### DATA TO EXAMINE
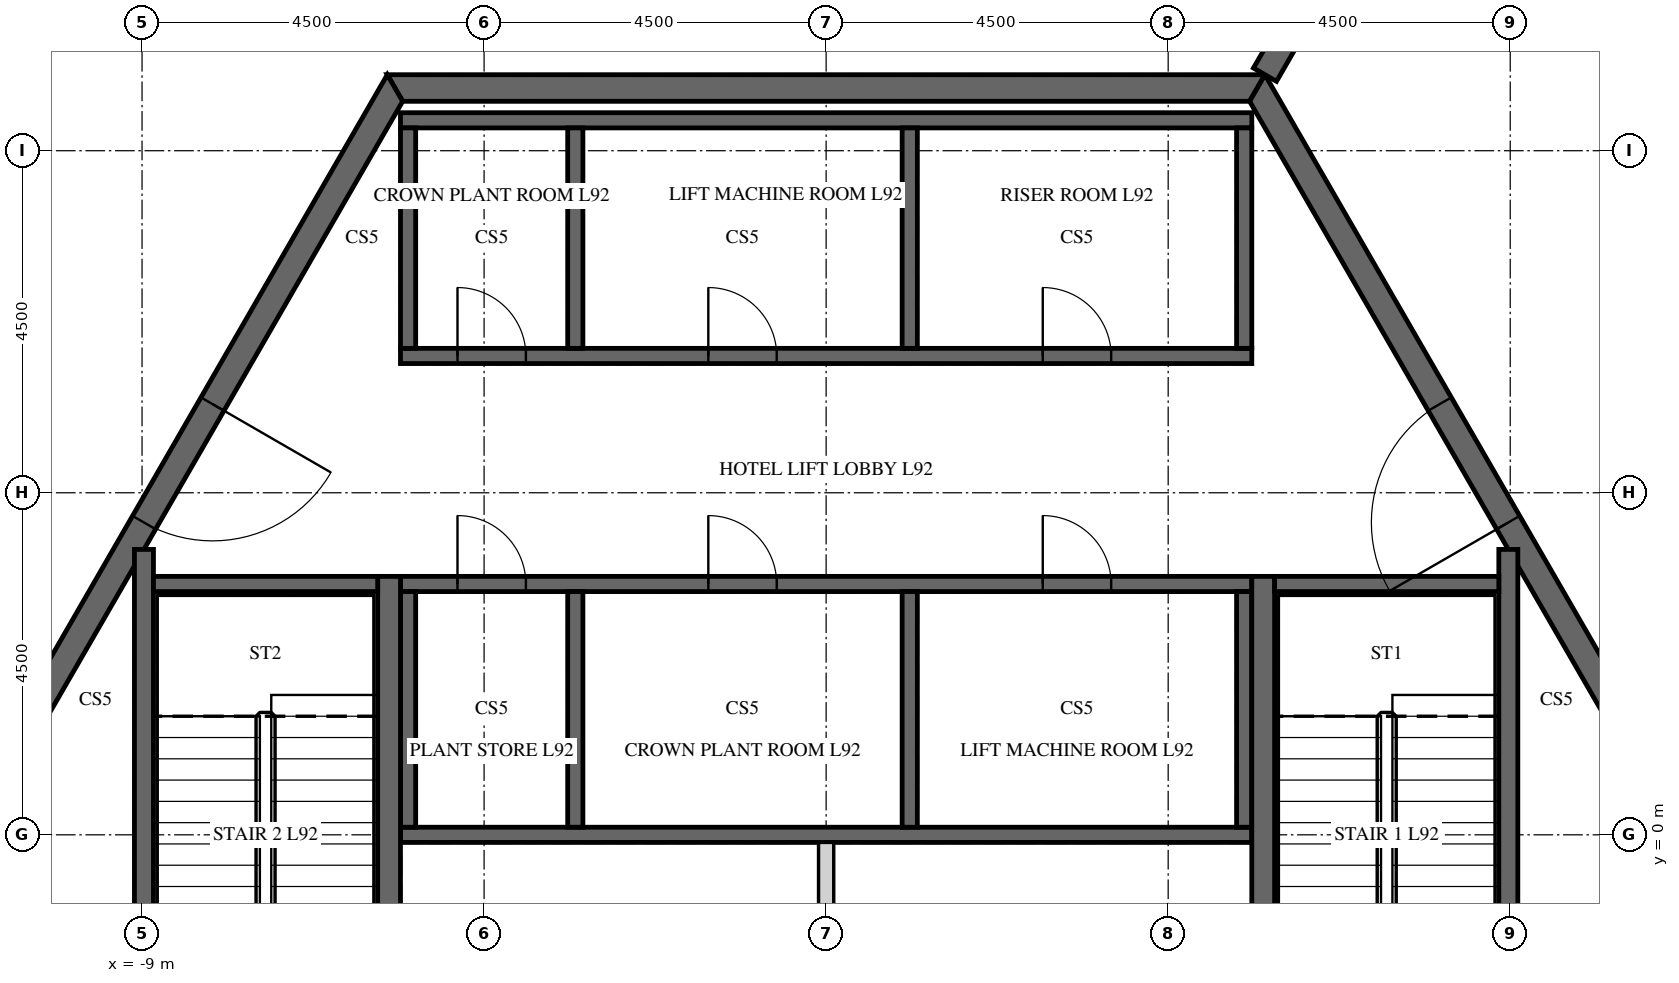
"""IFC4 building model, lengths in metres.
Left out: names, types, materials, properties, quantities, classifications, styles, units other than length and angle.
Written with IfcOpenShell. Run it as: python <this file> out.ifc"""

import sys

from ifc_helpers import new_model, si_unit, direction, frame, frame_2d, origin, place, context, subcontext, project, spatial, polyline, rectangle, outline, extrude, element, fill, save


model = new_model("IFC4")
c1 = context("Model", 3, precision=1e-05, world=origin(), true_north=direction((0.0, 1.0)))
c2 = subcontext(c1, "Body", "Model", "MODEL_VIEW")
j1 = project(units=[si_unit("LENGTHUNIT", "METRE"), si_unit("PLANEANGLEUNIT", "RADIAN")], contexts=[c1])
p1 = place(None, origin())
s1 = spatial("IfcSite", under=j1, at=p1, CompositionType="ELEMENT")
p2 = place(p1, origin())
s2 = spatial("IfcBuilding", under=s1, at=p2, CompositionType="ELEMENT")
p3 = place(p2, frame((0.0, 0.0, 388.2)))
s3 = spatial("IfcBuildingStorey", under=s2, at=p3, CompositionType="ELEMENT", Elevation=388.2)
p4 = place(p3, frame((-5.673, 9.825, -0.2), z_axis=(0.0, 0.0, 1.0), x_axis=(-0.499995046907, -0.866028263435, 0.0)))
e1 = element("IfcWall", 1, at=p4, inside=s3, PredefinedType="SHEAR", context=c2, shape_type="SweptSolid", body=[
    extrude(outline(polyline([(-0.101, -0.175), (11.446, -0.175), (11.244, 0.175), (0.101, 0.175), (-0.101, -0.175)])), origin(), (0.0, 0.0, 1.0), 4.5),
])
p5 = place(p4, frame((4.801, 0.0, 0.2)))
e2 = element("IfcOpeningElement", 2, at=p5, cuts=e1, PredefinedType="OPENING", context=c2, shape_type="SweptSolid", body=[
    extrude(rectangle(XDim=1.8, YDim=2.4, at=frame_2d((0.9, 1.2))), frame((0.0, 0.185, 0.0), z_axis=(0.0, -1.0, 0.0), x_axis=(1.0, 0.0, 0.0)), (0.0, 0.0, 1.0), 0.37),
])
p6 = place(p3, frame((-11.345, 0.0, -0.2), z_axis=(0.0, 0.0, 1.0), x_axis=(0.499995046907, -0.866028263435, 0.0)))
e3 = element("IfcWall", 3, at=p6, inside=s3, PredefinedType="SHEAR", context=c2, shape_type="SweptSolid", body=[
    extrude(outline(polyline([(-0.101, -0.175), (11.446, -0.175), (11.244, 0.175), (0.101, 0.175), (-0.101, -0.175)])), origin(), (0.0, 0.0, 1.0), 4.5),
])
p7 = place(p6, frame((4.744, 0.0, 0.2)))
e4 = element("IfcOpeningElement", 4, at=p7, cuts=e3, PredefinedType="OPENING", context=c2, shape_type="SweptSolid", body=[
    extrude(rectangle(XDim=1.8, YDim=2.4, at=frame_2d((0.9, 1.2))), frame((0.0, 0.185, 0.0), z_axis=(0.0, -1.0, 0.0), x_axis=(1.0, 0.0, 0.0)), (0.0, 0.0, 1.0), 0.37),
])
p8 = place(p3, frame((5.673, -9.825, -0.2), z_axis=(0.0, 0.0, 1.0), x_axis=(0.499995046907, 0.866028263435, 0.0)))
e5 = element("IfcWall", 5, at=p8, inside=s3, PredefinedType="SHEAR", context=c2, shape_type="SweptSolid", body=[
    extrude(outline(polyline([(-0.101, -0.175), (11.446, -0.175), (11.244, 0.175), (0.101, 0.175), (-0.101, -0.175)])), origin(), (0.0, 0.0, 1.0), 4.5),
])
p9 = place(p8, frame((4.801, 0.0, 0.2)))
e6 = element("IfcOpeningElement", 6, at=p9, cuts=e5, PredefinedType="OPENING", context=c2, shape_type="SweptSolid", body=[
    extrude(rectangle(XDim=1.8, YDim=2.4, at=frame_2d((0.9, 1.2))), frame((0.0, 0.185, 0.0), z_axis=(0.0, -1.0, 0.0), x_axis=(1.0, 0.0, 0.0)), (0.0, 0.0, 1.0), 0.37),
])
p10 = place(p3, frame((11.345, 0.0, -0.2), z_axis=(0.0, 0.0, 1.0), x_axis=(-0.499995046907, 0.866028263435, 0.0)))
e7 = element("IfcWall", 7, at=p10, inside=s3, PredefinedType="SHEAR", context=c2, shape_type="SweptSolid", body=[
    extrude(outline(polyline([(-0.101, -0.175), (11.446, -0.175), (11.244, 0.175), (0.101, 0.175), (-0.101, -0.175)])), origin(), (0.0, 0.0, 1.0), 4.5),
])
p11 = place(p10, frame((4.744, 0.0, 0.2)))
e8 = element("IfcOpeningElement", 8, at=p11, cuts=e7, PredefinedType="OPENING", context=c2, shape_type="SweptSolid", body=[
    extrude(rectangle(XDim=1.8, YDim=2.4, at=frame_2d((0.9, 1.2))), frame((0.0, 0.185, 0.0), z_axis=(0.0, -1.0, 0.0), x_axis=(1.0, 0.0, 0.0)), (0.0, 0.0, 1.0), 0.37),
])
p12 = place(p3, frame((5.673, 9.825, -0.2), z_axis=(0.0, 0.0, 1.0), x_axis=(-1.0, 0.0, 0.0)))
e9 = element("IfcWall", 9, at=p12, inside=s3, PredefinedType="SHEAR", context=c2, shape_type="SweptSolid", body=[
    extrude(outline(polyline([(-0.101, -0.175), (11.446, -0.175), (11.244, 0.175), (0.101, 0.175), (-0.101, -0.175)])), origin(), (0.0, 0.0, 1.0), 4.5),
])
p13 = place(p3, frame((5.773, 10.0, -0.2), z_axis=(0.0, 0.0, 1.0), x_axis=(0.50001273609, 0.866018050475, 0.0)))
e10 = element("IfcWall", 10, at=p13, inside=s3, PredefinedType="SHEAR", context=c2, shape_type="SweptSolid", body=[
    extrude(rectangle(XDim=12.425, YDim=0.35, at=frame_2d((6.212, 0.0))), origin(), (0.0, 0.0, 1.0), 4.5),
])
p14 = place(p13, frame((5.312, 0.0, 0.2)))
e11 = element("IfcOpeningElement", 11, at=p14, cuts=e10, PredefinedType="OPENING", context=c2, shape_type="SweptSolid", body=[
    extrude(rectangle(XDim=1.8, YDim=2.4, at=frame_2d((0.9, 1.2))), frame((0.0, 0.185, 0.0), z_axis=(0.0, -1.0, 0.0), x_axis=(1.0, 0.0, 0.0)), (0.0, 0.0, 1.0), 0.37),
])
p15 = place(p3, frame((-5.6, 6.3, -0.2), z_axis=(0.0, 0.0, 1.0), x_axis=(1.0, 0.0, 0.0)))
e12 = element("IfcWall", 12, at=p15, inside=s3, PredefinedType="SHEAR", context=c2, shape_type="SweptSolid", body=[
    extrude(rectangle(XDim=11.2, YDim=0.2, at=frame_2d((5.6, 0.0))), origin(), (0.0, 0.0, 1.0), 4.5),
])
p16 = place(p15, frame((0.75, 0.0, 0.2)))
e13 = element("IfcOpeningElement", 13, at=p16, cuts=e12, PredefinedType="OPENING", context=c2, shape_type="SweptSolid", body=[
    extrude(rectangle(XDim=0.9, YDim=2.1, at=frame_2d((0.45, 1.05))), frame((0.0, 0.11, 0.0), z_axis=(0.0, -1.0, 0.0), x_axis=(1.0, 0.0, 0.0)), (0.0, 0.0, 1.0), 0.22),
])
p17 = place(p15, frame((4.05, 0.0, 0.2)))
e14 = element("IfcOpeningElement", 14, at=p17, cuts=e12, PredefinedType="OPENING", context=c2, shape_type="SweptSolid", body=[
    extrude(rectangle(XDim=0.9, YDim=2.1, at=frame_2d((0.45, 1.05))), frame((0.0, 0.11, 0.0), z_axis=(0.0, -1.0, 0.0), x_axis=(1.0, 0.0, 0.0)), (0.0, 0.0, 1.0), 0.22),
])
p18 = place(p15, frame((8.45, 0.0, 0.2)))
e15 = element("IfcOpeningElement", 15, at=p18, cuts=e12, PredefinedType="OPENING", context=c2, shape_type="SweptSolid", body=[
    extrude(rectangle(XDim=0.9, YDim=2.1, at=frame_2d((0.45, 1.05))), frame((0.0, 0.11, 0.0), z_axis=(0.0, -1.0, 0.0), x_axis=(1.0, 0.0, 0.0)), (0.0, 0.0, 1.0), 0.22),
])
p19 = place(p3, frame((-5.6, 9.4, -0.2), z_axis=(0.0, 0.0, 1.0), x_axis=(1.0, 0.0, 0.0)))
e16 = element("IfcWall", 16, at=p19, inside=s3, PredefinedType="SHEAR", context=c2, shape_type="SweptSolid", body=[
    extrude(rectangle(XDim=11.2, YDim=0.2, at=frame_2d((5.6, 0.0))), origin(), (0.0, 0.0, 1.0), 4.5),
])
for number, where, z_axis, x_axis in (
    (17, (-5.5, 6.4, -0.2), (0.0, 0.0, 1.0), (0.0, 1.0, 0.0)),
    (18, (-3.3, 6.4, -0.2), (0.0, 0.0, 1.0), (0.0, 1.0, 0.0)),
    (19, (1.1, 6.4, -0.2), (0.0, 0.0, 1.0), (0.0, 1.0, 0.0)),
    (20, (5.5, 6.4, -0.2), (0.0, 0.0, 1.0), (0.0, 1.0, 0.0)),
):
    element("IfcWall", number, at=place(p3, frame(where, z_axis=z_axis, x_axis=x_axis)), inside=s3, PredefinedType="SHEAR", context=c2, shape_type="SweptSolid", body=[
        extrude(rectangle(XDim=2.9, YDim=0.2, at=frame_2d((1.45, 0.0))), origin(), (0.0, 0.0, 1.0), 4.5),
    ])
p20 = place(p3, frame((-5.6, 3.3, -0.2), z_axis=(0.0, 0.0, 1.0), x_axis=(1.0, 0.0, 0.0)))
e21 = element("IfcWall", 21, at=p20, inside=s3, PredefinedType="SHEAR", context=c2, shape_type="SweptSolid", body=[
    extrude(rectangle(XDim=11.2, YDim=0.2, at=frame_2d((5.6, 0.0))), origin(), (0.0, 0.0, 1.0), 4.5),
])
p21 = place(p20, frame((0.75, 0.0, 0.2)))
e22 = element("IfcOpeningElement", 22, at=p21, cuts=e21, PredefinedType="OPENING", context=c2, shape_type="SweptSolid", body=[
    extrude(rectangle(XDim=0.9, YDim=2.1, at=frame_2d((0.45, 1.05))), frame((0.0, 0.11, 0.0), z_axis=(0.0, -1.0, 0.0), x_axis=(1.0, 0.0, 0.0)), (0.0, 0.0, 1.0), 0.22),
])
p22 = place(p20, frame((4.05, 0.0, 0.2)))
e23 = element("IfcOpeningElement", 23, at=p22, cuts=e21, PredefinedType="OPENING", context=c2, shape_type="SweptSolid", body=[
    extrude(rectangle(XDim=0.9, YDim=2.1, at=frame_2d((0.45, 1.05))), frame((0.0, 0.11, 0.0), z_axis=(0.0, -1.0, 0.0), x_axis=(1.0, 0.0, 0.0)), (0.0, 0.0, 1.0), 0.22),
])
p23 = place(p20, frame((8.45, 0.0, 0.2)))
e24 = element("IfcOpeningElement", 24, at=p23, cuts=e21, PredefinedType="OPENING", context=c2, shape_type="SweptSolid", body=[
    extrude(rectangle(XDim=0.9, YDim=2.1, at=frame_2d((0.45, 1.05))), frame((0.0, 0.11, 0.0), z_axis=(0.0, -1.0, 0.0), x_axis=(1.0, 0.0, 0.0)), (0.0, 0.0, 1.0), 0.22),
])
p24 = place(p3, frame((-5.6, 0.0, -0.2), z_axis=(0.0, 0.0, 1.0), x_axis=(1.0, 0.0, 0.0)))
e25 = element("IfcWall", 25, at=p24, inside=s3, PredefinedType="SHEAR", context=c2, shape_type="SweptSolid", body=[
    extrude(rectangle(XDim=11.2, YDim=0.2, at=frame_2d((5.6, 0.0))), origin(), (0.0, 0.0, 1.0), 4.5),
])
for number, where, z_axis, x_axis in (
    (26, (-5.5, 0.1, -0.2), (0.0, 0.0, 1.0), (0.0, 1.0, 0.0)),
    (27, (-3.3, 0.1, -0.2), (0.0, 0.0, 1.0), (0.0, 1.0, 0.0)),
    (28, (1.1, 0.1, -0.2), (0.0, 0.0, 1.0), (0.0, 1.0, 0.0)),
    (29, (5.5, 0.1, -0.2), (0.0, 0.0, 1.0), (0.0, 1.0, 0.0)),
):
    element("IfcWall", number, at=place(p3, frame(where, z_axis=z_axis, x_axis=x_axis)), inside=s3, PredefinedType="SHEAR", context=c2, shape_type="SweptSolid", body=[
        extrude(rectangle(XDim=3.1, YDim=0.2, at=frame_2d((1.55, 0.0))), origin(), (0.0, 0.0, 1.0), 4.5),
    ])
p25 = place(p3, frame((0.0, -6.2, 0.0), z_axis=(0.0, 0.0, 1.0), x_axis=(0.0, 1.0, 0.0)))
e30 = element("IfcWall", 30, at=p25, inside=s3, PredefinedType="PARTITIONING", context=c2, shape_type="SweptSolid", body=[
    extrude(rectangle(XDim=6.1, YDim=0.2, at=frame_2d((3.05, 0.0))), origin(), (0.0, 0.0, 1.0), 4.3),
])
p26 = place(p3, frame((5.75, -3.4, -0.2), z_axis=(0.0, 0.0, 1.0), x_axis=(0.0, 1.0, 0.0)))
e31 = element("IfcWall", 31, at=p26, inside=s3, PredefinedType="SHEAR", context=c2, shape_type="SweptSolid", body=[
    extrude(rectangle(XDim=6.8, YDim=0.3, at=frame_2d((3.4, 0.0))), origin(), (0.0, 0.0, 1.0), 4.5),
])
p27 = place(p3, frame((8.975, -3.755, -0.2), z_axis=(0.0, 0.0, 1.0), x_axis=(0.0, 1.0, 0.0)))
e32 = element("IfcWall", 32, at=p27, inside=s3, PredefinedType="SHEAR", context=c2, shape_type="SweptSolid", body=[
    extrude(rectangle(XDim=7.51, YDim=0.25, at=frame_2d((3.755, 0.0))), origin(), (0.0, 0.0, 1.0), 4.5),
])
p28 = place(p3, frame((5.9, 3.3, -0.2), z_axis=(0.0, 0.0, 1.0), x_axis=(1.0, 0.0, 0.0)))
e33 = element("IfcWall", 33, at=p28, inside=s3, PredefinedType="SHEAR", context=c2, shape_type="SweptSolid", body=[
    extrude(rectangle(XDim=2.95, YDim=0.2, at=frame_2d((1.475, 0.0))), origin(), (0.0, 0.0, 1.0), 4.5),
])
p29 = place(p3, frame((-5.75, -3.4, -0.2), z_axis=(0.0, 0.0, 1.0), x_axis=(0.0, 1.0, 0.0)))
e34 = element("IfcWall", 34, at=p29, inside=s3, PredefinedType="SHEAR", context=c2, shape_type="SweptSolid", body=[
    extrude(rectangle(XDim=6.8, YDim=0.3, at=frame_2d((3.4, 0.0))), origin(), (0.0, 0.0, 1.0), 4.5),
])
p30 = place(p3, frame((-8.975, -3.755, -0.2), z_axis=(0.0, 0.0, 1.0), x_axis=(0.0, 1.0, 0.0)))
e35 = element("IfcWall", 35, at=p30, inside=s3, PredefinedType="SHEAR", context=c2, shape_type="SweptSolid", body=[
    extrude(rectangle(XDim=7.51, YDim=0.25, at=frame_2d((3.755, 0.0))), origin(), (0.0, 0.0, 1.0), 4.5),
])
p31 = place(p3, frame((-8.85, 3.3, -0.2), z_axis=(0.0, 0.0, 1.0), x_axis=(1.0, 0.0, 0.0)))
e36 = element("IfcWall", 36, at=p31, inside=s3, PredefinedType="SHEAR", context=c2, shape_type="SweptSolid", body=[
    extrude(rectangle(XDim=2.95, YDim=0.2, at=frame_2d((1.475, 0.0))), origin(), (0.0, 0.0, 1.0), 4.5),
])
p32 = place(p3, frame((-18.79, -0.175, 0.0), z_axis=(0.0, 0.0, 1.0), x_axis=(0.500020978615, -0.866013291437, 0.0)))
e37 = element("IfcWall", 37, at=p32, inside=s3, PredefinedType="PARTITIONING", context=c2, shape_type="SweptSolid", body=[
    extrude(rectangle(XDim=18.689, YDim=0.2, at=frame_2d((9.345, 0.0))), origin(), (0.0, 0.0, 1.0), 3.692),
])
p33 = place(p32, frame((8.745, 0.0, 0.0)))
e38 = element("IfcOpeningElement", 38, at=p33, cuts=e37, PredefinedType="OPENING", context=c2, shape_type="SweptSolid", body=[
    extrude(rectangle(XDim=1.2, YDim=2.1, at=frame_2d((0.6, 1.05))), frame((0.0, 0.11, 0.0), z_axis=(0.0, -1.0, 0.0), x_axis=(1.0, 0.0, 0.0)), (0.0, 0.0, 1.0), 0.22),
])
p34 = place(p3, frame((-9.445, 16.36, 0.0), z_axis=(0.0, 0.0, 1.0), x_axis=(-0.500020978615, -0.866013291437, 0.0)))
e39 = element("IfcWall", 39, at=p34, inside=s3, PredefinedType="PARTITIONING", context=c2, shape_type="SweptSolid", body=[
    extrude(rectangle(XDim=18.689, YDim=0.2, at=frame_2d((9.345, 0.0))), origin(), (0.0, 0.0, 1.0), 3.692),
])
p35 = place(p34, frame((8.745, 0.0, 0.0)))
e40 = element("IfcOpeningElement", 40, at=p35, cuts=e39, PredefinedType="OPENING", context=c2, shape_type="SweptSolid", body=[
    extrude(rectangle(XDim=1.2, YDim=2.1, at=frame_2d((0.6, 1.05))), frame((0.0, 0.11, 0.0), z_axis=(0.0, -1.0, 0.0), x_axis=(1.0, 0.0, 0.0)), (0.0, 0.0, 1.0), 0.22),
])
p36 = place(p3, frame((9.546, -16.185, 0.0), z_axis=(0.0, 0.0, 1.0), x_axis=(0.500030775662, 0.866007634718, 0.0)))
e41 = element("IfcWall", 41, at=p36, inside=s3, PredefinedType="PARTITIONING", context=c2, shape_type="SweptSolid", body=[
    extrude(rectangle(XDim=18.689, YDim=0.2, at=frame_2d((9.345, 0.0))), origin(), (0.0, 0.0, 1.0), 3.692),
])
p37 = place(p36, frame((8.745, 0.0, 0.0)))
e42 = element("IfcOpeningElement", 42, at=p37, cuts=e41, PredefinedType="OPENING", context=c2, shape_type="SweptSolid", body=[
    extrude(rectangle(XDim=1.2, YDim=2.1, at=frame_2d((0.6, 1.05))), frame((0.0, 0.11, 0.0), z_axis=(0.0, -1.0, 0.0), x_axis=(1.0, 0.0, 0.0)), (0.0, 0.0, 1.0), 0.22),
])
p38 = place(p3, frame((18.833, 0.1, 0.0), z_axis=(0.0, 0.0, 1.0), x_axis=(-0.500028143963, 0.86600915425, 0.0)))
e43 = element("IfcWall", 43, at=p38, inside=s3, PredefinedType="PARTITIONING", context=c2, shape_type="SweptSolid", body=[
    extrude(rectangle(XDim=18.574, YDim=0.2, at=frame_2d((9.287, 0.0))), origin(), (0.0, 0.0, 1.0), 3.692),
])
p39 = place(p5, origin())
e44 = element("IfcDoor", 44, at=p39, inside=s3, OperationType="DOUBLE_DOOR_SINGLE_SWING", PredefinedType="DOOR", context=c2, shape_type="SweptSolid", body=[
    extrude(rectangle(XDim=1.8, YDim=2.4, at=frame_2d((0.9, 1.2))), frame((0.0, 0.025, 0.0), z_axis=(0.0, -1.0, 0.0), x_axis=(1.0, 0.0, 0.0)), (0.0, 0.0, 1.0), 0.05),
])
fill(e2, e44)
p40 = place(p11, origin())
e45 = element("IfcDoor", 45, at=p40, inside=s3, OperationType="DOUBLE_DOOR_SINGLE_SWING", PredefinedType="DOOR", context=c2, shape_type="SweptSolid", body=[
    extrude(rectangle(XDim=1.8, YDim=2.4, at=frame_2d((0.9, 1.2))), frame((0.0, 0.025, 0.0), z_axis=(0.0, -1.0, 0.0), x_axis=(1.0, 0.0, 0.0)), (0.0, 0.0, 1.0), 0.05),
])
fill(e8, e45)
p41 = place(p16, origin())
e46 = element("IfcDoor", 46, at=p41, inside=s3, OperationType="SINGLE_SWING_LEFT", PredefinedType="DOOR", context=c2, shape_type="SweptSolid", body=[
    extrude(rectangle(XDim=0.9, YDim=2.1, at=frame_2d((0.45, 1.05))), frame((0.0, 0.025, 0.0), z_axis=(0.0, -1.0, 0.0), x_axis=(1.0, 0.0, 0.0)), (0.0, 0.0, 1.0), 0.05),
])
fill(e13, e46)
p42 = place(p17, origin())
e47 = element("IfcDoor", 47, at=p42, inside=s3, OperationType="SINGLE_SWING_LEFT", PredefinedType="DOOR", context=c2, shape_type="SweptSolid", body=[
    extrude(rectangle(XDim=0.9, YDim=2.1, at=frame_2d((0.45, 1.05))), frame((0.0, 0.025, 0.0), z_axis=(0.0, -1.0, 0.0), x_axis=(1.0, 0.0, 0.0)), (0.0, 0.0, 1.0), 0.05),
])
fill(e14, e47)
p43 = place(p18, origin())
e48 = element("IfcDoor", 48, at=p43, inside=s3, OperationType="SINGLE_SWING_LEFT", PredefinedType="DOOR", context=c2, shape_type="SweptSolid", body=[
    extrude(rectangle(XDim=0.9, YDim=2.1, at=frame_2d((0.45, 1.05))), frame((0.0, 0.025, 0.0), z_axis=(0.0, -1.0, 0.0), x_axis=(1.0, 0.0, 0.0)), (0.0, 0.0, 1.0), 0.05),
])
fill(e15, e48)
p44 = place(p21, origin())
e49 = element("IfcDoor", 49, at=p44, inside=s3, OperationType="SINGLE_SWING_LEFT", PredefinedType="DOOR", context=c2, shape_type="SweptSolid", body=[
    extrude(rectangle(XDim=0.9, YDim=2.1, at=frame_2d((0.45, 1.05))), frame((0.0, 0.025, 0.0), z_axis=(0.0, -1.0, 0.0), x_axis=(1.0, 0.0, 0.0)), (0.0, 0.0, 1.0), 0.05),
])
fill(e22, e49)
p45 = place(p22, origin())
e50 = element("IfcDoor", 50, at=p45, inside=s3, OperationType="SINGLE_SWING_LEFT", PredefinedType="DOOR", context=c2, shape_type="SweptSolid", body=[
    extrude(rectangle(XDim=0.9, YDim=2.1, at=frame_2d((0.45, 1.05))), frame((0.0, 0.025, 0.0), z_axis=(0.0, -1.0, 0.0), x_axis=(1.0, 0.0, 0.0)), (0.0, 0.0, 1.0), 0.05),
])
fill(e23, e50)
p46 = place(p23, origin())
e51 = element("IfcDoor", 51, at=p46, inside=s3, OperationType="SINGLE_SWING_LEFT", PredefinedType="DOOR", context=c2, shape_type="SweptSolid", body=[
    extrude(rectangle(XDim=0.9, YDim=2.1, at=frame_2d((0.45, 1.05))), frame((0.0, 0.025, 0.0), z_axis=(0.0, -1.0, 0.0), x_axis=(1.0, 0.0, 0.0)), (0.0, 0.0, 1.0), 0.05),
])
fill(e24, e51)
save(model, sys.argv[1])

### REQUIREMENT
Please report every line in the entries above that holds the string "direction".

### WRITTEN ANSWER
from ifc_helpers import new_model, si_unit, direction, frame, frame_2d, origin, place, context, subcontext, project, spatial, polyline, rectangle, outline, extrude, element, fill, save
c1 = context("Model", 3, precision=1e-05, world=origin(), true_north=direction((0.0, 1.0)))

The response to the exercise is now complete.